◆ Dataset

********

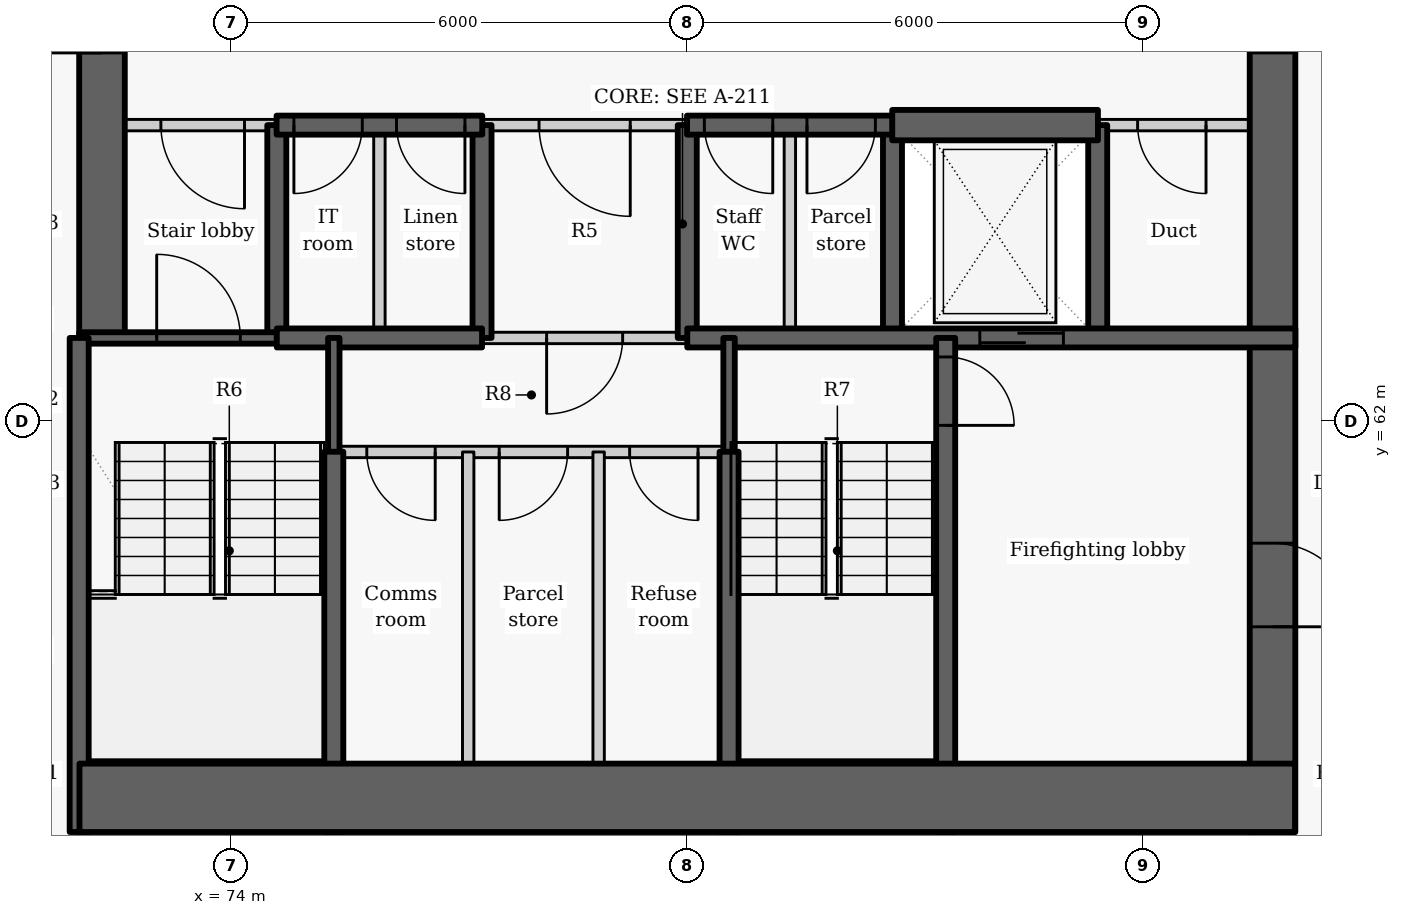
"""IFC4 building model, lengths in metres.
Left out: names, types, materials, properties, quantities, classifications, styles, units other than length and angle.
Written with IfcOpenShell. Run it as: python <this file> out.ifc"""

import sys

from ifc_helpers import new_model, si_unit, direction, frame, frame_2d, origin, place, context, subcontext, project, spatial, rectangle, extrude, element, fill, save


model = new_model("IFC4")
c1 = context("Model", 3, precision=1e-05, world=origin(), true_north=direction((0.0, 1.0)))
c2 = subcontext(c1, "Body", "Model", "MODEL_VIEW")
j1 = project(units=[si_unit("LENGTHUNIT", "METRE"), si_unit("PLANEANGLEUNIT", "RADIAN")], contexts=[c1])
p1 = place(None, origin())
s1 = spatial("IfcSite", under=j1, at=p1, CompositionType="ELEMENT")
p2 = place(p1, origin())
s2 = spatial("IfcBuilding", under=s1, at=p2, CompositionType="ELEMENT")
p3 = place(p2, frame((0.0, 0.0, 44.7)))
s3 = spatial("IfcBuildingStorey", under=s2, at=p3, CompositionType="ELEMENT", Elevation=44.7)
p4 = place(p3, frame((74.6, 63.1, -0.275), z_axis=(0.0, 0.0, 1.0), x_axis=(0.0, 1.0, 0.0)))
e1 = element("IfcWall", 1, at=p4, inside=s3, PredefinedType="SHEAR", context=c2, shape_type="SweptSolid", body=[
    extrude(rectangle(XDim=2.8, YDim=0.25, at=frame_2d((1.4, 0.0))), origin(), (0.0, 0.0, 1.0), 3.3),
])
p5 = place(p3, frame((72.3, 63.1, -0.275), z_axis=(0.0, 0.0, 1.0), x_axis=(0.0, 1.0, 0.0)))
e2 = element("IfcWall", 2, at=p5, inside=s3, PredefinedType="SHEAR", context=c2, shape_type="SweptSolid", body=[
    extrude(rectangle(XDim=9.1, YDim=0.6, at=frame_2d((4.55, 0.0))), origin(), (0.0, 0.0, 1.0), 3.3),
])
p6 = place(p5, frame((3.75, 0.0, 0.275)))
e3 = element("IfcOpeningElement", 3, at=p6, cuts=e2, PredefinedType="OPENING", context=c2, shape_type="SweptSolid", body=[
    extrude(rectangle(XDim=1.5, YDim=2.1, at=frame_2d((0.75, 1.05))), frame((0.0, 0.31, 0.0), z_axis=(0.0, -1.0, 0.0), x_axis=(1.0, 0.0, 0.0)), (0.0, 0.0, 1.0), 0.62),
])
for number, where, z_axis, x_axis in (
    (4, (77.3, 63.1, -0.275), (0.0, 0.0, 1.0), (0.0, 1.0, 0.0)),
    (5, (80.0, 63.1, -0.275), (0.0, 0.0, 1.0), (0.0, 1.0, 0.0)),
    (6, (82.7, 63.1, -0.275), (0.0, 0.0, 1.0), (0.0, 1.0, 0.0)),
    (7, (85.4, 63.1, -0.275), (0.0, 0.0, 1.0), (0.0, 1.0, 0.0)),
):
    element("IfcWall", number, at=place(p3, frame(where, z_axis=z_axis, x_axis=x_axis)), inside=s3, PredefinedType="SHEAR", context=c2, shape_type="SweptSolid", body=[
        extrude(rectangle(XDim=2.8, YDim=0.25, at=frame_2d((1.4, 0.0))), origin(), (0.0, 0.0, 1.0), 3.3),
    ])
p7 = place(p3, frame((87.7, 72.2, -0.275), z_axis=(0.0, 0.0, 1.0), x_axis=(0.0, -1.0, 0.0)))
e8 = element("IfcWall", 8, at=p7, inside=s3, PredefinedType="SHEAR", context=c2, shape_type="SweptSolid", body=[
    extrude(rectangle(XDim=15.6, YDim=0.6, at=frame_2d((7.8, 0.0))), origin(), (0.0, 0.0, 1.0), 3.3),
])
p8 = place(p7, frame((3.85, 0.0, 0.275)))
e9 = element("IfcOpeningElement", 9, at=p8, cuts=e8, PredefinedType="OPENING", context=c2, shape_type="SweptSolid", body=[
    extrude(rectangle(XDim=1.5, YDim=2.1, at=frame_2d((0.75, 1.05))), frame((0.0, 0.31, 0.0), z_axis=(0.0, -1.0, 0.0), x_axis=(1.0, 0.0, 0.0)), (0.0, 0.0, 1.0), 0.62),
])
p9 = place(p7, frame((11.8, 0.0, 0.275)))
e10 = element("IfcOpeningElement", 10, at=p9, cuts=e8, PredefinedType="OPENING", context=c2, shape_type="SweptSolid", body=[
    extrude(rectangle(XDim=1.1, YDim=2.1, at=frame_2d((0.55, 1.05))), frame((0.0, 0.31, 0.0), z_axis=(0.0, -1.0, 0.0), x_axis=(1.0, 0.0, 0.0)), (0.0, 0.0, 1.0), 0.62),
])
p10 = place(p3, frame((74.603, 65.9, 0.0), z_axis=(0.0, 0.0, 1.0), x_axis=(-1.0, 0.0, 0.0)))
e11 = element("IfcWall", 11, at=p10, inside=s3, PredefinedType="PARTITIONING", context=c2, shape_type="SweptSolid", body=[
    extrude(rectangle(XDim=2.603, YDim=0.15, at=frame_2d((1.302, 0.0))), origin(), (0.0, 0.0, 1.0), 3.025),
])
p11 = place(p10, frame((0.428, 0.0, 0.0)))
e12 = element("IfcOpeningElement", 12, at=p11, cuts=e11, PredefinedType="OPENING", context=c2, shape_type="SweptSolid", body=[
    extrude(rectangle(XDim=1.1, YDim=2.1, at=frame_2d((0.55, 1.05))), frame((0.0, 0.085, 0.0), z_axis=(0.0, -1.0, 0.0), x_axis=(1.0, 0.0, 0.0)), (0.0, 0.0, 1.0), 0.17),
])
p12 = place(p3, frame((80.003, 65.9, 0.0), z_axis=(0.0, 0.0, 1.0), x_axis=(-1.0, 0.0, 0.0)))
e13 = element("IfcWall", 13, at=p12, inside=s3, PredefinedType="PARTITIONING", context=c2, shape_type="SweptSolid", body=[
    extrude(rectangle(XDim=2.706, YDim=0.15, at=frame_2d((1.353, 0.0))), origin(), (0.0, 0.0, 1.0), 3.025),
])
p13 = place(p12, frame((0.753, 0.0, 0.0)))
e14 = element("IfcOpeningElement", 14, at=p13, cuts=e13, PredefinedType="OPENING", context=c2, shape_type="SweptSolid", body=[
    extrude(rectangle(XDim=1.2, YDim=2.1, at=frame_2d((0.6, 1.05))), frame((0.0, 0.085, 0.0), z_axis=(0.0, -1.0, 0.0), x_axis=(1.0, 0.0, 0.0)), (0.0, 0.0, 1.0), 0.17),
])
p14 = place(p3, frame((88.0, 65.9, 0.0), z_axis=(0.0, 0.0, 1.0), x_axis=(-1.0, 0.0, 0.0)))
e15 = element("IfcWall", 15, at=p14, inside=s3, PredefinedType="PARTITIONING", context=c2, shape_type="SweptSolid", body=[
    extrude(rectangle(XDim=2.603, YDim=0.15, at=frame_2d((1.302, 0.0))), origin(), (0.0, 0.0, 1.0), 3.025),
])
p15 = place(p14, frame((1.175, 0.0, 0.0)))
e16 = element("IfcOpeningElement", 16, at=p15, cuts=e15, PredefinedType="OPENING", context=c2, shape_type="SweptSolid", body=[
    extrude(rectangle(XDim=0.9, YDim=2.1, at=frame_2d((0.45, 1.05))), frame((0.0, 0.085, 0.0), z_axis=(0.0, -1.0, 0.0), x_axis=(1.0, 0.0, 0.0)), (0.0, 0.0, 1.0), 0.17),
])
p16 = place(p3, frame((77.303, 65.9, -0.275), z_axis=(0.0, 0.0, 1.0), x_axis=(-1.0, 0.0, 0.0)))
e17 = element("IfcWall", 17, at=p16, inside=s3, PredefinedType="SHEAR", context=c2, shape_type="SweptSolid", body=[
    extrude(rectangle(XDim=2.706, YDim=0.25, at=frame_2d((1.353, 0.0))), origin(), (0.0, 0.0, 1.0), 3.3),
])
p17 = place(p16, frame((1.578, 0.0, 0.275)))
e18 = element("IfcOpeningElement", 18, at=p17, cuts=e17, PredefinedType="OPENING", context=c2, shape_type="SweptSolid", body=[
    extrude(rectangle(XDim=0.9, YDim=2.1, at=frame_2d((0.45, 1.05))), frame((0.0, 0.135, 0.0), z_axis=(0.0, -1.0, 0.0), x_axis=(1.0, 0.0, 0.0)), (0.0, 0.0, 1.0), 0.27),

********

◆ What you are asked to do
The word "direction" appears in some lines of the data. Copy every one of those lines.

◆ Answer for this exercise
from ifc_helpers import new_model, si_unit, direction, frame, frame_2d, origin, place, context, subcontext, project, spatial, rectangle, extrude, element, fill, save
c1 = context("Model", 3, precision=1e-05, world=origin(), true_north=direction((0.0, 1.0)))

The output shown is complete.